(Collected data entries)
————

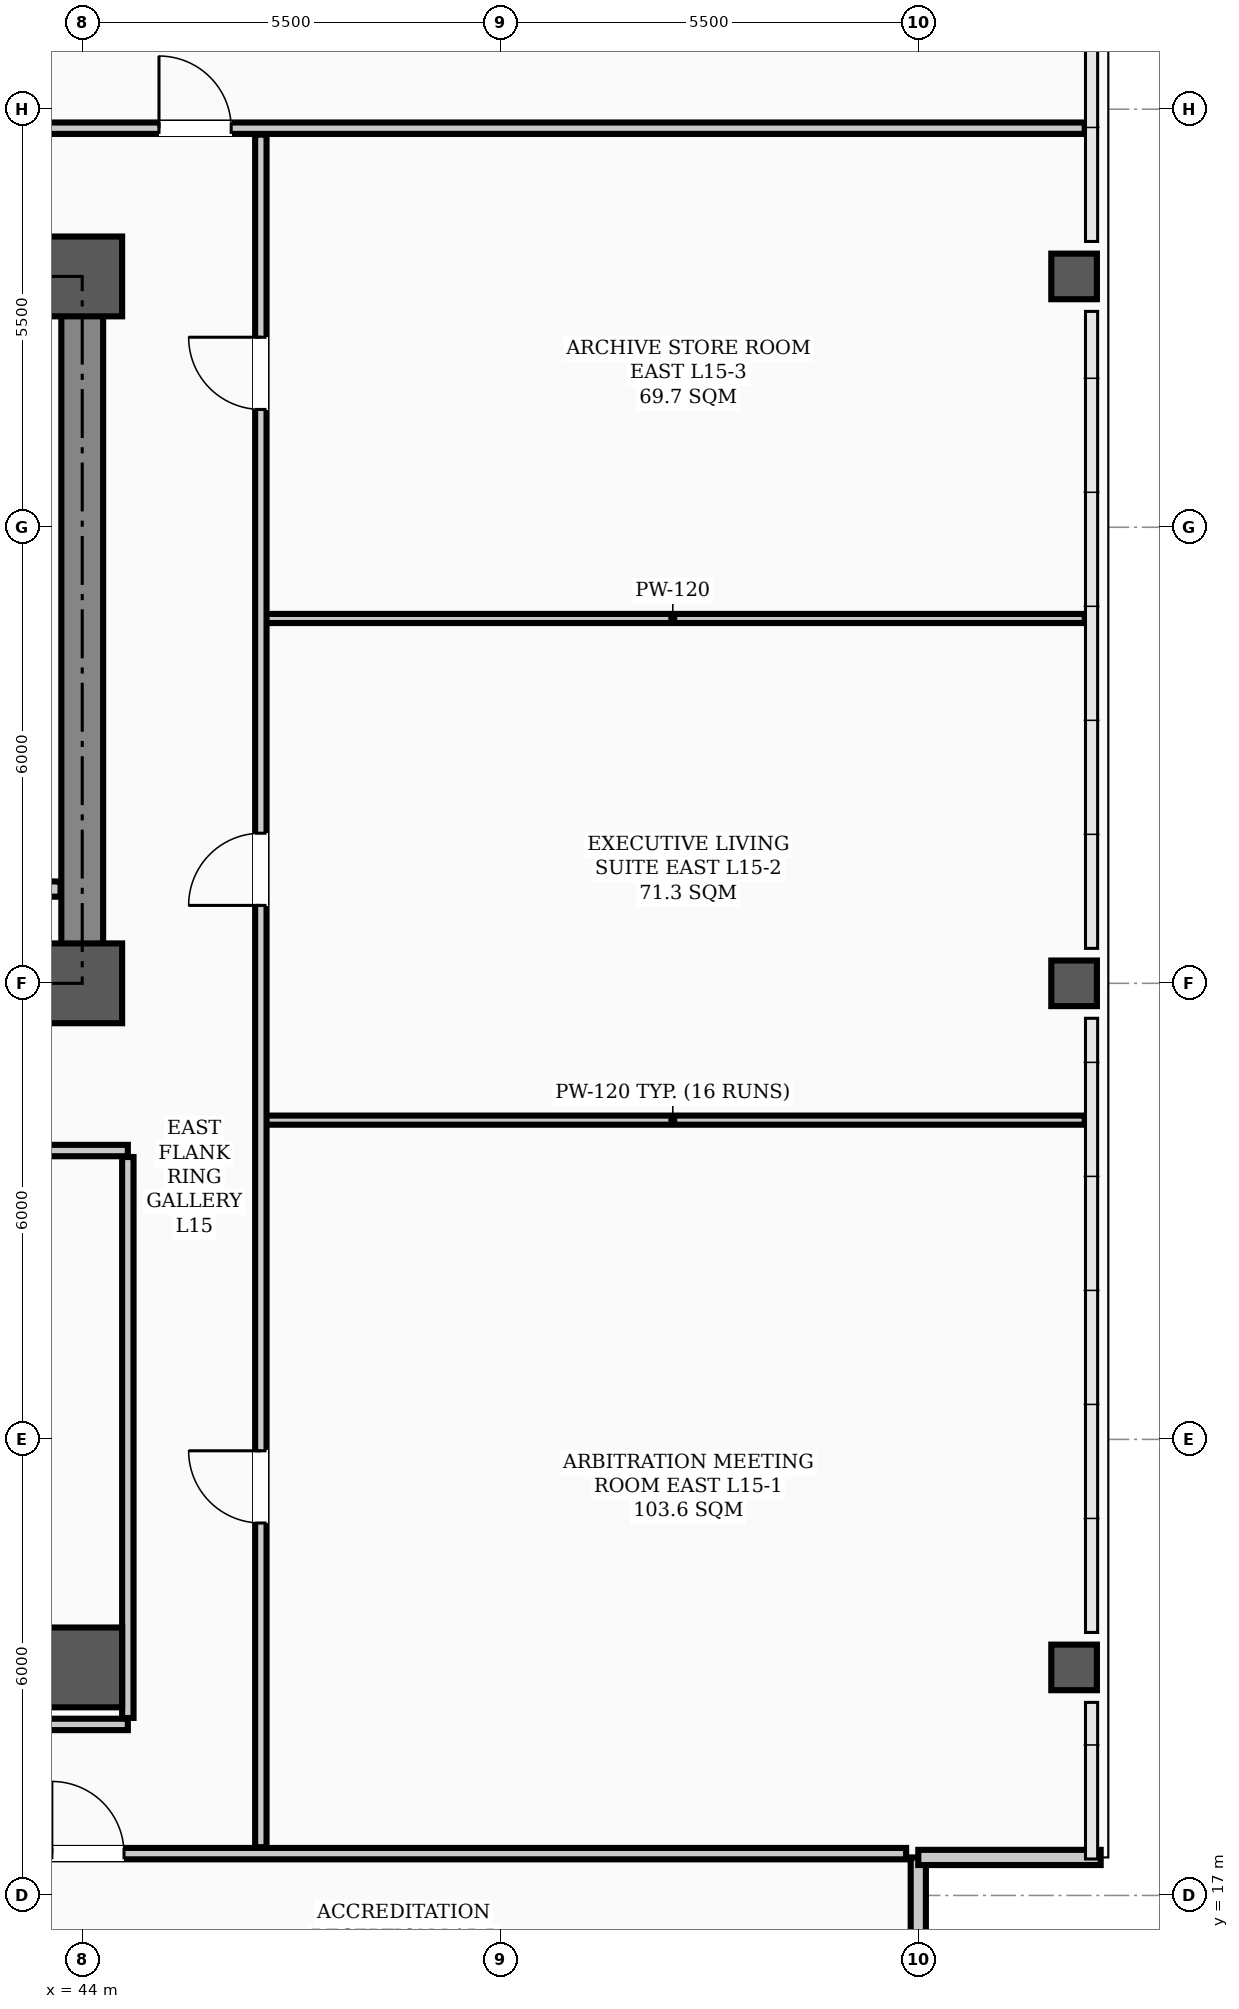
"""IFC4 building model, lengths in metres.
Left out: names, types, materials, properties, quantities, classifications, styles, units other than length and angle.
Written with IfcOpenShell. Run it as: python <this file> out.ifc"""

import sys

from ifc_helpers import new_model, si_unit, direction, frame, frame_2d, origin, origin_2d, place, context, subcontext, project, spatial, rectangle, hollow_rectangle, extrude, element, fill, save


model = new_model("IFC4")
c1 = context("Model", 3, precision=1e-05, world=origin(), true_north=direction((0.0, 1.0)))
c2 = subcontext(c1, "Body", "Model", "MODEL_VIEW")
j1 = project(units=[si_unit("LENGTHUNIT", "METRE"), si_unit("PLANEANGLEUNIT", "RADIAN")], contexts=[c1])
p1 = place(None, origin())
s1 = spatial("IfcSite", under=j1, at=p1, CompositionType="ELEMENT")
p2 = place(p1, origin())
s2 = spatial("IfcBuilding", under=s1, at=p2, CompositionType="ELEMENT")
p3 = place(p2, frame((0.0, 0.0, 61.6)))
s3 = spatial("IfcBuildingStorey", under=s2, at=p3, CompositionType="ELEMENT", Elevation=61.6)
for number, where, z_axis, x_axis in (
    (1, (44.0, 29.0, 0.0), (0.0, 0.0, 1.0), (1.0, 0.0, 0.0)),
    (2, (44.0, 38.3, 0.0), (0.0, 0.0, 1.0), (1.0, 0.0, 0.0)),
    (3, (44.0, 20.0, 0.0), (0.0, 0.0, 1.0), (1.0, 0.0, 0.0)),
):
    element("IfcColumn", number, at=place(p3, frame(where, z_axis=z_axis, x_axis=x_axis)), inside=s3, PredefinedType="COLUMN", context=c2, shape_type="SweptSolid", body=[
        extrude(hollow_rectangle(XDim=1.05, YDim=1.05, WallThickness=0.038, InnerFilletRadius=0.019, OuterFilletRadius=0.057, at=origin_2d()), origin(), (0.0, 0.0, 1.0), 3.9),
    ])
for number, where, z_axis, x_axis in (
    (4, (57.05, 20.0, 0.0), (0.0, 0.0, 1.0), (1.0, 0.0, 0.0)),
    (5, (57.05, 29.0, 0.0), (0.0, 0.0, 1.0), (1.0, 0.0, 0.0)),
    (6, (57.05, 38.3, 0.0), (0.0, 0.0, 1.0), (1.0, 0.0, 0.0)),
):
    element("IfcColumn", number, at=place(p3, frame(where, z_axis=z_axis, x_axis=x_axis)), inside=s3, PredefinedType="COLUMN", context=c2, shape_type="SweptSolid", body=[
        extrude(hollow_rectangle(XDim=0.6, YDim=0.6, WallThickness=0.026, InnerFilletRadius=0.013, OuterFilletRadius=0.039, at=origin_2d()), origin(), (0.0, 0.0, 1.0), 3.9),
    ])
for number, where, z_axis, x_axis in (
    (7, (55.0, 15.1, 0.0), (0.0, 0.0, 1.0), (0.0, 1.0, 0.0)),
    (8, (55.0, 17.5, 0.0), (0.0, 0.0, 1.0), (1.0, 0.0, 0.0)),
):
    element("IfcWall", number, at=place(p3, frame(where, z_axis=z_axis, x_axis=x_axis)), inside=s3, PredefinedType="PARAPET", context=c2, shape_type="SweptSolid", body=[
        extrude(rectangle(XDim=2.4, YDim=0.2, at=frame_2d((1.2, 0.0))), origin(), (0.0, 0.0, 1.0), 1.2),
    ])
p4 = place(p3, frame((13.5, 29.0, 0.0), z_axis=(0.0, 0.0, 1.0), x_axis=(1.0, 0.0, 0.0)))
e9 = element("IfcWall", 9, at=p4, inside=s3, PredefinedType="SHEAR", context=c2, shape_type="SweptSolid", body=[
    extrude(rectangle(XDim=30.5, YDim=0.55, at=frame_2d((15.25, 0.0))), origin(), (0.0, 0.0, 1.0), 3.72),
])
p5 = place(p4, frame((1.75, 0.0, 0.0)))
e10 = element("IfcOpeningElement", 10, at=p5, cuts=e9, PredefinedType="OPENING", context=c2, shape_type="SweptSolid", body=[
    extrude(rectangle(XDim=1.1, YDim=2.08, at=frame_2d((0.55, 1.04))), frame((0.0, 0.285, 0.0), z_axis=(0.0, -1.0, 0.0), x_axis=(1.0, 0.0, 0.0)), (0.0, 0.0, 1.0), 0.57),
])
p6 = place(p4, frame((26.7, 0.0, 0.0)))
e11 = element("IfcOpeningElement", 11, at=p6, cuts=e9, PredefinedType="OPENING", context=c2, shape_type="SweptSolid", body=[
    extrude(rectangle(XDim=1.1, YDim=2.08, at=frame_2d((0.55, 1.04))), frame((0.0, 0.285, 0.0), z_axis=(0.0, -1.0, 0.0), x_axis=(1.0, 0.0, 0.0)), (0.0, 0.0, 1.0), 0.57),
])
p7 = place(p4, frame((6.8, 0.0, 0.0)))
e12 = element("IfcOpeningElement", 12, at=p7, cuts=e9, PredefinedType="OPENING", context=c2, shape_type="SweptSolid", body=[
    extrude(rectangle(XDim=1.1, YDim=2.08, at=frame_2d((0.55, 1.04))), frame((0.0, 0.285, 0.0), z_axis=(0.0, -1.0, 0.0), x_axis=(1.0, 0.0, 0.0)), (0.0, 0.0, 1.0), 0.57),
])
p8 = place(p4, frame((13.2, 0.0, 0.0)))
e13 = element("IfcOpeningElement", 13, at=p8, cuts=e9, PredefinedType="OPENING", context=c2, shape_type="SweptSolid", body=[
    extrude(rectangle(XDim=1.6, YDim=2.08, at=frame_2d((0.8, 1.04))), frame((0.0, 0.285, 0.0), z_axis=(0.0, -1.0, 0.0), x_axis=(1.0, 0.0, 0.0)), (0.0, 0.0, 1.0), 0.57),
])
p9 = place(p4, frame((19.6, 0.0, 0.0)))
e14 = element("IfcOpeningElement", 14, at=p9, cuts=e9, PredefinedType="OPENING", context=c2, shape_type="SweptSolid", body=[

————

Task goal
Extract each line from the entries above that contains the string "InnerFilletRadius".

Exercise result
        extrude(hollow_rectangle(XDim=1.05, YDim=1.05, WallThickness=0.038, InnerFilletRadius=0.019, OuterFilletRadius=0.057, at=origin_2d()), origin(), (0.0, 0.0, 1.0), 3.9),
        extrude(hollow_rectangle(XDim=0.6, YDim=0.6, WallThickness=0.026, InnerFilletRadius=0.013, OuterFilletRadius=0.039, at=origin_2d()), origin(), (0.0, 0.0, 1.0), 3.9),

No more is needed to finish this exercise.